▶ **Task goal**
Scan the records for "spatial". Show the matching lines.

▶ **Records to use**
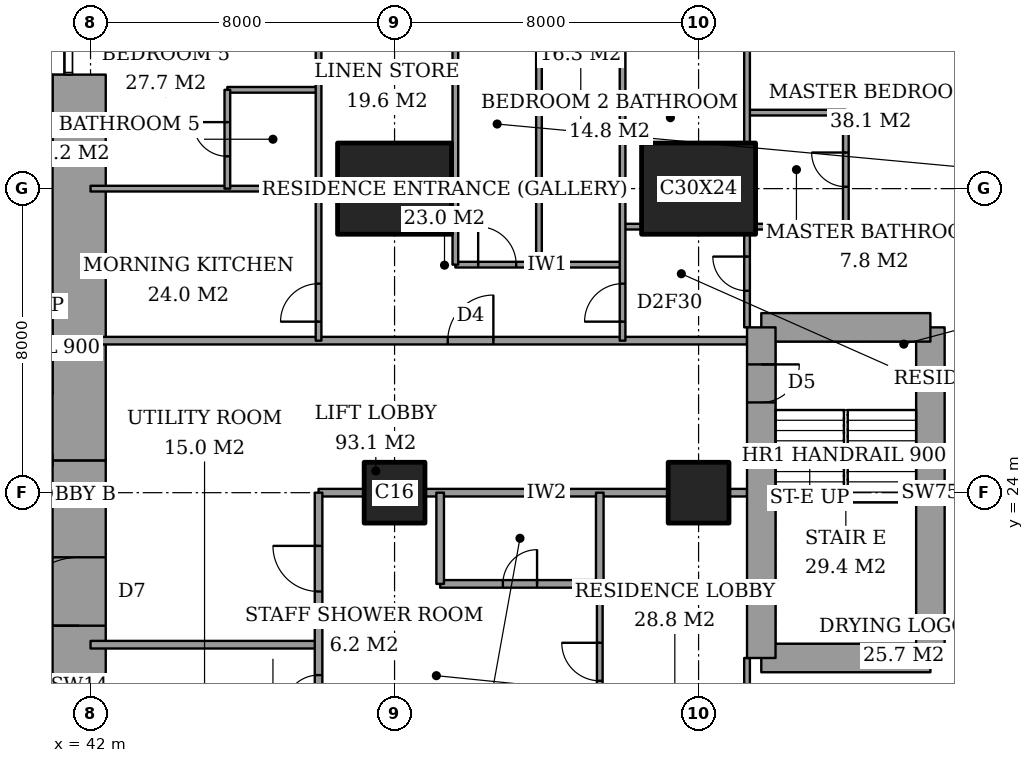
"""IFC4 building model, lengths in metres.
Left out: names, types, materials, properties, quantities, classifications, styles, units other than length and angle.
Written with IfcOpenShell. Run it as: python <this file> out.ifc"""

import sys

from ifc_helpers import new_model, si_unit, direction, frame, frame_2d, origin, origin_2d, place, context, subcontext, project, spatial, rectangle, extrude, element, fill, save


model = new_model("IFC4")
c1 = context("Model", 3, precision=1e-05, world=origin(), true_north=direction((0.0, 1.0)))
c2 = subcontext(c1, "Body", "Model", "MODEL_VIEW")
j1 = project(units=[si_unit("LENGTHUNIT", "METRE"), si_unit("PLANEANGLEUNIT", "RADIAN")], contexts=[c1])
p1 = place(None, origin())
s1 = spatial("IfcSite", under=j1, at=p1, CompositionType="ELEMENT")
p2 = place(p1, origin())
s2 = spatial("IfcBuilding", under=s1, at=p2, CompositionType="ELEMENT")
p3 = place(p2, frame((0.0, 0.0, 234.0)))
s3 = spatial("IfcBuildingStorey", under=s2, at=p3, CompositionType="ELEMENT", Elevation=234.0)
p4 = place(p3, frame((50.0, 24.0, 0.0), z_axis=(0.0, 0.0, 1.0), x_axis=(1.0, 0.0, 0.0)))
e1 = element("IfcColumn", 1, at=p4, inside=s3, PredefinedType="COLUMN", context=c2, shape_type="SweptSolid", body=[
    extrude(rectangle(XDim=1.6, YDim=1.6, at=origin_2d()), origin(), (0.0, 0.0, 1.0), 3.6),
])
p5 = place(p3, frame((50.0, 32.0, 0.0), z_axis=(0.0, 0.0, 1.0), x_axis=(1.0, 0.0, 0.0)))
e2 = element("IfcColumn", 2, at=p5, inside=s3, PredefinedType="COLUMN", context=c2, shape_type="SweptSolid", body=[
    extrude(rectangle(XDim=3.0, YDim=2.4, at=origin_2d()), origin(), (0.0, 0.0, 1.0), 3.6),
])
p6 = place(p3, frame((58.0, 24.0, 0.0), z_axis=(0.0, 0.0, 1.0), x_axis=(1.0, 0.0, 0.0)))
e3 = element("IfcColumn", 3, at=p6, inside=s3, PredefinedType="COLUMN", context=c2, shape_type="SweptSolid", body=[
    extrude(rectangle(XDim=1.6, YDim=1.6, at=origin_2d()), origin(), (0.0, 0.0, 1.0), 3.6),
])
p7 = place(p3, frame((58.0, 32.0, 0.0), z_axis=(0.0, 0.0, 1.0), x_axis=(1.0, 0.0, 0.0)))
e4 = element("IfcColumn", 4, at=p7, inside=s3, PredefinedType="COLUMN", context=c2, shape_type="SweptSolid", body=[
    extrude(rectangle(XDim=3.0, YDim=2.4, at=origin_2d()), origin(), (0.0, 0.0, 1.0), 3.6),
])
p8 = place(p3, frame((41.7, 13.0, 0.0), z_axis=(0.0, 0.0, 1.0), x_axis=(0.0, 1.0, 0.0)))
e5 = element("IfcWall", 5, at=p8, inside=s3, PredefinedType="SHEAR", context=c2, shape_type="SweptSolid", body=[
    extrude(rectangle(XDim=11.85, YDim=1.4, at=frame_2d((5.925, 0.0))), origin(), (0.0, 0.0, 1.0), 3.6),
])
p9 = place(p8, frame((7.5, 0.0, 0.0)))
e6 = element("IfcOpeningElement", 6, at=p9, cuts=e5, PredefinedType="OPENING", context=c2, shape_type="SweptSolid", body=[
    extrude(rectangle(XDim=1.8, YDim=2.4, at=frame_2d((0.9, 1.2))), frame((0.0, 0.71, 0.0), z_axis=(0.0, -1.0, 0.0), x_axis=(1.0, 0.0, 0.0)), (0.0, 0.0, 1.0), 1.42),
])
p10 = place(p3, frame((41.7, 24.85, 0.0), z_axis=(0.0, 0.0, 1.0), x_axis=(0.0, 1.0, 0.0)))
e7 = element("IfcWall", 7, at=p10, inside=s3, PredefinedType="SHEAR", context=c2, shape_type="SweptSolid", body=[
    extrude(rectangle(XDim=10.15, YDim=1.4, at=frame_2d((5.075, 0.0))), origin(), (0.0, 0.0, 1.0), 3.6),
])
p11 = place(p3, frame((59.65, 19.65, 0.0), z_axis=(0.0, 0.0, 1.0), x_axis=(1.0, 0.0, 0.0)))
e8 = element("IfcWall", 8, at=p11, inside=s3, PredefinedType="SHEAR", context=c2, shape_type="SweptSolid", body=[
    extrude(rectangle(XDim=4.45, YDim=0.75, at=frame_2d((2.225, 0.0))), origin(), (0.0, 0.0, 1.0), 3.6),
])
p12 = place(p3, frame((64.1, 19.65, 0.0), z_axis=(0.0, 0.0, 1.0), x_axis=(0.0, 1.0, 0.0)))
e9 = element("IfcWall", 9, at=p12, inside=s3, PredefinedType="SHEAR", context=c2, shape_type="SweptSolid", body=[
    extrude(rectangle(XDim=8.7, YDim=0.75, at=frame_2d((4.35, 0.0))), origin(), (0.0, 0.0, 1.0), 3.6),
])
p13 = place(p3, frame((64.1, 28.35, 0.0), z_axis=(0.0, 0.0, 1.0), x_axis=(-1.0, 0.0, 0.0)))
e10 = element("IfcWall", 10, at=p13, inside=s3, PredefinedType="SHEAR", context=c2, shape_type="SweptSolid", body=[
    extrude(rectangle(XDim=4.45, YDim=0.75, at=frame_2d((2.225, 0.0))), origin(), (0.0, 0.0, 1.0), 3.6),
])
p14 = place(p3, frame((59.65, 28.35, 0.0), z_axis=(0.0, 0.0, 1.0), x_axis=(0.0, -1.0, 0.0)))
e11 = element("IfcWall", 11, at=p14, inside=s3, PredefinedType="SHEAR", context=c2, shape_type="SweptSolid", body=[
    extrude(rectangle(XDim=8.7, YDim=0.75, at=frame_2d((4.35, 0.0))), origin(), (0.0, 0.0, 1.0), 3.6),
])
p15 = place(p14, frame((0.975, 0.0, 0.0)))
e12 = element("IfcOpeningElement", 12, at=p15, cuts=e11, PredefinedType="OPENING", context=c2, shape_type="SweptSolid", body=[
    extrude(rectangle(XDim=1.0, YDim=2.1, at=frame_2d((0.5, 1.05))), frame((0.0, 0.385, 0.0), z_axis=(0.0, -1.0, 0.0), x_axis=(1.0, 0.0, 0.0)), (0.0, 0.0, 1.0), 0.77),
])
p16 = place(p3, frame((42.0, 20.0, 0.0), z_axis=(0.0, 0.0, 1.0), x_axis=(1.0, 0.0, 0.0)))
e13 = element("IfcWall", 13, at=p16, inside=s3, PredefinedType="PARTITIONING", context=c2, shape_type="SweptSolid", body=[
    extrude(rectangle(XDim=6.0, YDim=0.2, at=frame_2d((3.0, 0.0))), origin(), (0.0, 0.0, 1.0), 3.35),
])
p17 = place(p3, frame((51.2, 21.6, 0.0), z_axis=(0.0, 0.0, 1.0), x_axis=(1.0, 0.0, 0.0)))
e14 = element("IfcWall", 14, at=p17, inside=s3, PredefinedType="PARTITIONING", context=c2, shape_type="SweptSolid", body=[
    extrude(rectangle(XDim=4.2, YDim=0.2, at=frame_2d((2.1, 0.0))), origin(), (0.0, 0.0, 1.0), 3.35),
])
p18 = place(p17, frame((1.65, 0.0, 0.0)))
e15 = element("IfcOpeningElement", 15, at=p18, cuts=e14, PredefinedType="OPENING", context=c2, shape_type="SweptSolid", body=[
    extrude(rectangle(XDim=0.9, YDim=2.1, at=frame_2d((0.45, 1.05))), frame((0.0, 0.11, 0.0), z_axis=(0.0, -1.0, 0.0), x_axis=(1.0, 0.0, 0.0)), (0.0, 0.0, 1.0), 0.22),
])
p19 = place(p3, frame((48.0, 24.0, 0.0), z_axis=(0.0, 0.0, 1.0), x_axis=(1.0, 0.0, 0.0)))
e16 = element("IfcWall", 16, at=p19, inside=s3, PredefinedType="PARTITIONING", context=c2, shape_type="SweptSolid", body=[
    extrude(rectangle(XDim=1.2, YDim=0.2, at=frame_2d((0.6, 0.0))), origin(), (0.0, 0.0, 1.0), 3.35),
])
p20 = place(p3, frame((50.8, 24.0, 0.0), z_axis=(0.0, 0.0, 1.0), x_axis=(1.0, 0.0, 0.0)))
e17 = element("IfcWall", 17, at=p20, inside=s3, PredefinedType="PARTITIONING", context=c2, shape_type="SweptSolid", body=[
    extrude(rectangle(XDim=6.4, YDim=0.2, at=frame_2d((3.2, 0.0))), origin(), (0.0, 0.0, 1.0), 3.35),
])
p21 = place(p3, frame((58.8, 24.0, 0.0), z_axis=(0.0, 0.0, 1.0), x_axis=(1.0, 0.0, 0.0)))
e18 = element("IfcWall", 18, at=p21, inside=s3, PredefinedType="PARTITIONING", context=c2, shape_type="SweptSolid", body=[
    extrude(rectangle(XDim=0.475, YDim=0.2, at=frame_2d((0.237, 0.0))), origin(), (0.0, 0.0, 1.0), 3.35),
])
p22 = place(p3, frame((64.475, 24.0, 0.0), z_axis=(0.0, 0.0, 1.0), x_axis=(1.0, 0.0, 0.0)))
e19 = element("IfcWall", 19, at=p22, inside=s3, PredefinedType="PARTITIONING", context=c2, shape_type="SweptSolid", body=[
    extrude(rectangle(XDim=0.375, YDim=0.15, at=frame_2d((0.188, 0.0))), origin(), (0.0, 0.0, 1.0), 3.35),
])
p23 = place(p3, frame((42.0, 28.0, 0.0), z_axis=(0.0, 0.0, 1.0), x_axis=(1.0, 0.0, 0.0)))
e20 = element("IfcWall", 20, at=p23, inside=s3, PredefinedType="PARTITIONING", context=c2, shape_type="SweptSolid", body=[
    extrude(rectangle(XDim=17.275, YDim=0.2, at=frame_2d((8.637, 0.0))), origin(), (0.0, 0.0, 1.0), 3.35),
])
p24 = place(p23, frame((9.4, 0.0, 0.0)))
e21 = element("IfcOpeningElement", 21, at=p24, cuts=e20, PredefinedType="OPENING", context=c2, shape_type="SweptSolid", body=[
    extrude(rectangle(XDim=1.2, YDim=2.4, at=frame_2d((0.6, 1.2))), frame((0.0, 0.11, 0.0), z_axis=(0.0, -1.0, 0.0), x_axis=(1.0, 0.0, 0.0)), (0.0, 0.0, 1.0), 0.22),
])
p25 = place(p3, frame((51.6, 30.0, 0.0), z_axis=(0.0, 0.0, 1.0), x_axis=(1.0, 0.0, 0.0)))
e22 = element("IfcWall", 22, at=p25, inside=s3, PredefinedType="PARTITIONING", context=c2, shape_type="SweptSolid", body=[
    extrude(rectangle(XDim=4.4, YDim=0.15, at=frame_2d((2.2, 0.0))), origin(), (0.0, 0.0, 1.0), 3.35),
])
p26 = place(p25, frame((0.6, 0.0, 0.0)))
e23 = element("IfcOpeningElement", 23, at=p26, cuts=e22, PredefinedType="OPENING", context=c2, shape_type="SweptSolid", body=[
    extrude(rectangle(XDim=1.0, YDim=2.1, at=frame_2d((0.5, 1.05))), frame((0.0, 0.085, 0.0), z_axis=(0.0, -1.0, 0.0), x_axis=(1.0, 0.0, 0.0)), (0.0, 0.0, 1.0), 0.17),
])
p27 = place(p3, frame((56.0, 31.0, 0.0), z_axis=(0.0, 0.0, 1.0), x_axis=(1.0, 0.0, 0.0)))
e24 = element("IfcWall", 24, at=p27, inside=s3, PredefinedType="PARTITIONING", context=c2, shape_type="SweptSolid", body=[
    extrude(rectangle(XDim=0.5, YDim=0.15, at=frame_2d((0.25, 0.0))), origin(), (0.0, 0.0, 1.0), 3.35),
])
p28 = place(p3, frame((59.5, 31.0, 0.0), z_axis=(0.0, 0.0, 1.0), x_axis=(1.0, 0.0, 0.0)))
e25 = element("IfcWall", 25, at=p28, inside=s3, PredefinedType="PARTITIONING", context=c2, shape_type="SweptSolid", body=[
    extrude(rectangle(XDim=6.95, YDim=0.15, at=frame_2d((3.475, 0.0))), origin(), (0.0, 0.0, 1.0), 3.35),
])
p29 = place(p3, frame((48.0, 31.95, 0.0), z_axis=(0.0, 0.0, 1.0), x_axis=(1.0, 0.0, 0.0)))
e26 = element("IfcWall", 26, at=p29, inside=s3, PredefinedType="PARTITIONING", context=c2, shape_type="SweptSolid", body=[
    extrude(rectangle(XDim=0.5, YDim=0.15, at=frame_2d((0.25, 0.0))), origin(), (0.0, 0.0, 1.0), 2.634),
])
p30 = place(p3, frame((42.0, 32.0, 0.0), z_axis=(0.0, 0.0, 1.0), x_axis=(1.0, 0.0, 0.0)))
e27 = element("IfcWall", 27, at=p30, inside=s3, PredefinedType="PARTITIONING", context=c2, shape_type="SweptSolid", body=[
    extrude(rectangle(XDim=6.0, YDim=0.15, at=frame_2d((3.0, 0.0))), origin(), (0.0, 0.0, 1.0), 2.634),
])
p31 = place(p3, frame((59.275, 34.0, 0.0), z_axis=(0.0, 0.0, 1.0), x_axis=(1.0, 0.0, 0.0)))
e28 = element("IfcWall", 28, at=p31, inside=s3, PredefinedType="PARTITIONING", context=c2, shape_type="SweptSolid", body=[
    extrude(rectangle(XDim=2.6, YDim=0.15, at=frame_2d((1.3, 0.0))), origin(), (0.0, 0.0, 1.0), 3.35),
])
p32 = place(p3, frame((45.6, 34.6, 0.0), z_axis=(0.0, 0.0, 1.0), x_axis=(1.0, 0.0, 0.0)))
e29 = element("IfcWall", 29, at=p32, inside=s3, PredefinedType="PARTITIONING", context=c2, shape_type="SweptSolid", body=[
    extrude(rectangle(XDim=2.4, YDim=0.15, at=frame_2d((1.2, 0.0))), origin(), (0.0, 0.0, 1.0), 3.35),
])
p33 = place(p3, frame((45.6, 32.0, 0.0), z_axis=(0.0, 0.0, 1.0), x_axis=(0.0, 1.0, 0.0)))
e30 = element("IfcWall", 30, at=p33, inside=s3, PredefinedType="PARTITIONING", context=c2, shape_type="SweptSolid", body=[
    extrude(rectangle(XDim=2.6, YDim=0.15, at=frame_2d((1.3, 0.0))), origin(), (0.0, 0.0, 1.0), 3.35),
])
p34 = place(p33, frame((0.85, 0.0, 0.0)))
e31 = element("IfcOpeningElement", 31, at=p34, cuts=e30, PredefinedType="OPENING", context=c2, shape_type="SweptSolid", body=[
    extrude(rectangle(XDim=0.9, YDim=2.1, at=frame_2d((0.45, 1.05))), frame((0.0, 0.085, 0.0), z_axis=(0.0, -1.0, 0.0), x_axis=(1.0, 0.0, 0.0)), (0.0, 0.0, 1.0), 0.17),
])
p35 = place(p3, frame((48.0, 17.5, 0.0), z_axis=(0.0, 0.0, 1.0), x_axis=(0.0, 1.0, 0.0)))
e32 = element("IfcWall", 32, at=p35, inside=s3, PredefinedType="PARTITIONING", context=c2, shape_type="SweptSolid", body=[
    extrude(rectangle(XDim=6.5, YDim=0.2, at=frame_2d((3.25, 0.0))), origin(), (0.0, 0.0, 1.0), 3.35),
])
p36 = place(p35, frame((3.9, 0.0, 0.0)))
e33 = element("IfcOpeningElement", 33, at=p36, cuts=e32, PredefinedType="OPENING", context=c2, shape_type="SweptSolid", body=[
    extrude(rectangle(XDim=1.2, YDim=2.4, at=frame_2d((0.6, 1.2))), frame((0.0, 0.11, 0.0), z_axis=(0.0, -1.0, 0.0), x_axis=(1.0, 0.0, 0.0)), (0.0, 0.0, 1.0), 0.22),
])
p37 = place(p35, frame((0.8, 0.0, 0.0)))
e34 = element("IfcOpeningElement", 34, at=p37, cuts=e32, PredefinedType="OPENING", context=c2, shape_type="SweptSolid", body=[
    extrude(rectangle(XDim=0.9, YDim=2.1, at=frame_2d((0.45, 1.05))), frame((0.0, 0.11, 0.0), z_axis=(0.0, -1.0, 0.0), x_axis=(1.0, 0.0, 0.0)), (0.0, 0.0, 1.0), 0.22),
])
p38 = place(p3, frame((48.0, 28.0, 0.0), z_axis=(0.0, 0.0, 1.0), x_axis=(0.0, 1.0, 0.0)))
e35 = element("IfcWall", 35, at=p38, inside=s3, PredefinedType="PARTITIONING", context=c2, shape_type="SweptSolid", body=[
    extrude(rectangle(XDim=9.4, YDim=0.15, at=frame_2d((4.7, 0.0))), origin(), (0.0, 0.0, 1.0), 3.35),
])
p39 = place(p38, frame((0.5, 0.0, 0.0)))
e36 = element("IfcOpeningElement", 36, at=p39, cuts=e35, PredefinedType="OPENING", context=c2, shape_type="SweptSolid", body=[
    extrude(rectangle(XDim=1.0, YDim=2.1, at=frame_2d((0.5, 1.05))), frame((0.0, 0.085, 0.0), z_axis=(0.0, -1.0, 0.0), x_axis=(1.0, 0.0, 0.0)), (0.0, 0.0, 1.0), 0.17),
])
p40 = place(p3, frame((51.2, 21.6, 0.0), z_axis=(0.0, 0.0, 1.0), x_axis=(0.0, 1.0, 0.0)))
e37 = element("IfcWall", 37, at=p40, inside=s3, PredefinedType="PARTITIONING", context=c2, shape_type="SweptSolid", body=[
    extrude(rectangle(XDim=2.4, YDim=0.2, at=frame_2d((1.2, 0.0))), origin(), (0.0, 0.0, 1.0), 3.35),
])
for number, where, z_axis, x_axis in (
    (38, (51.6, 30.0, 0.0), (0.0, 0.0, 1.0), (0.0, 1.0, 0.0)),
    (39, (53.8, 30.0, 0.0), (0.0, 0.0, 1.0), (0.0, 1.0, 0.0)),
):
    element("IfcWall", number, at=place(p3, frame(where, z_axis=z_axis, x_axis=x_axis)), inside=s3, PredefinedType="PARTITIONING", context=c2, shape_type="SweptSolid", body=[
        extrude(rectangle(XDim=7.4, YDim=0.15, at=frame_2d((3.7, 0.0))), origin(), (0.0, 0.0, 1.0), 3.35),
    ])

▶ **Answer section**
from ifc_helpers import new_model, si_unit, direction, frame, frame_2d, origin, origin_2d, place, context, subcontext, project, spatial, rectangle, extrude, element, fill, save
s1 = spatial("IfcSite", under=j1, at=p1, CompositionType="ELEMENT")
s2 = spatial("IfcBuilding", under=s1, at=p2, CompositionType="ELEMENT")
s3 = spatial("IfcBuildingStorey", under=s2, at=p3, CompositionType="ELEMENT", Elevation=234.0)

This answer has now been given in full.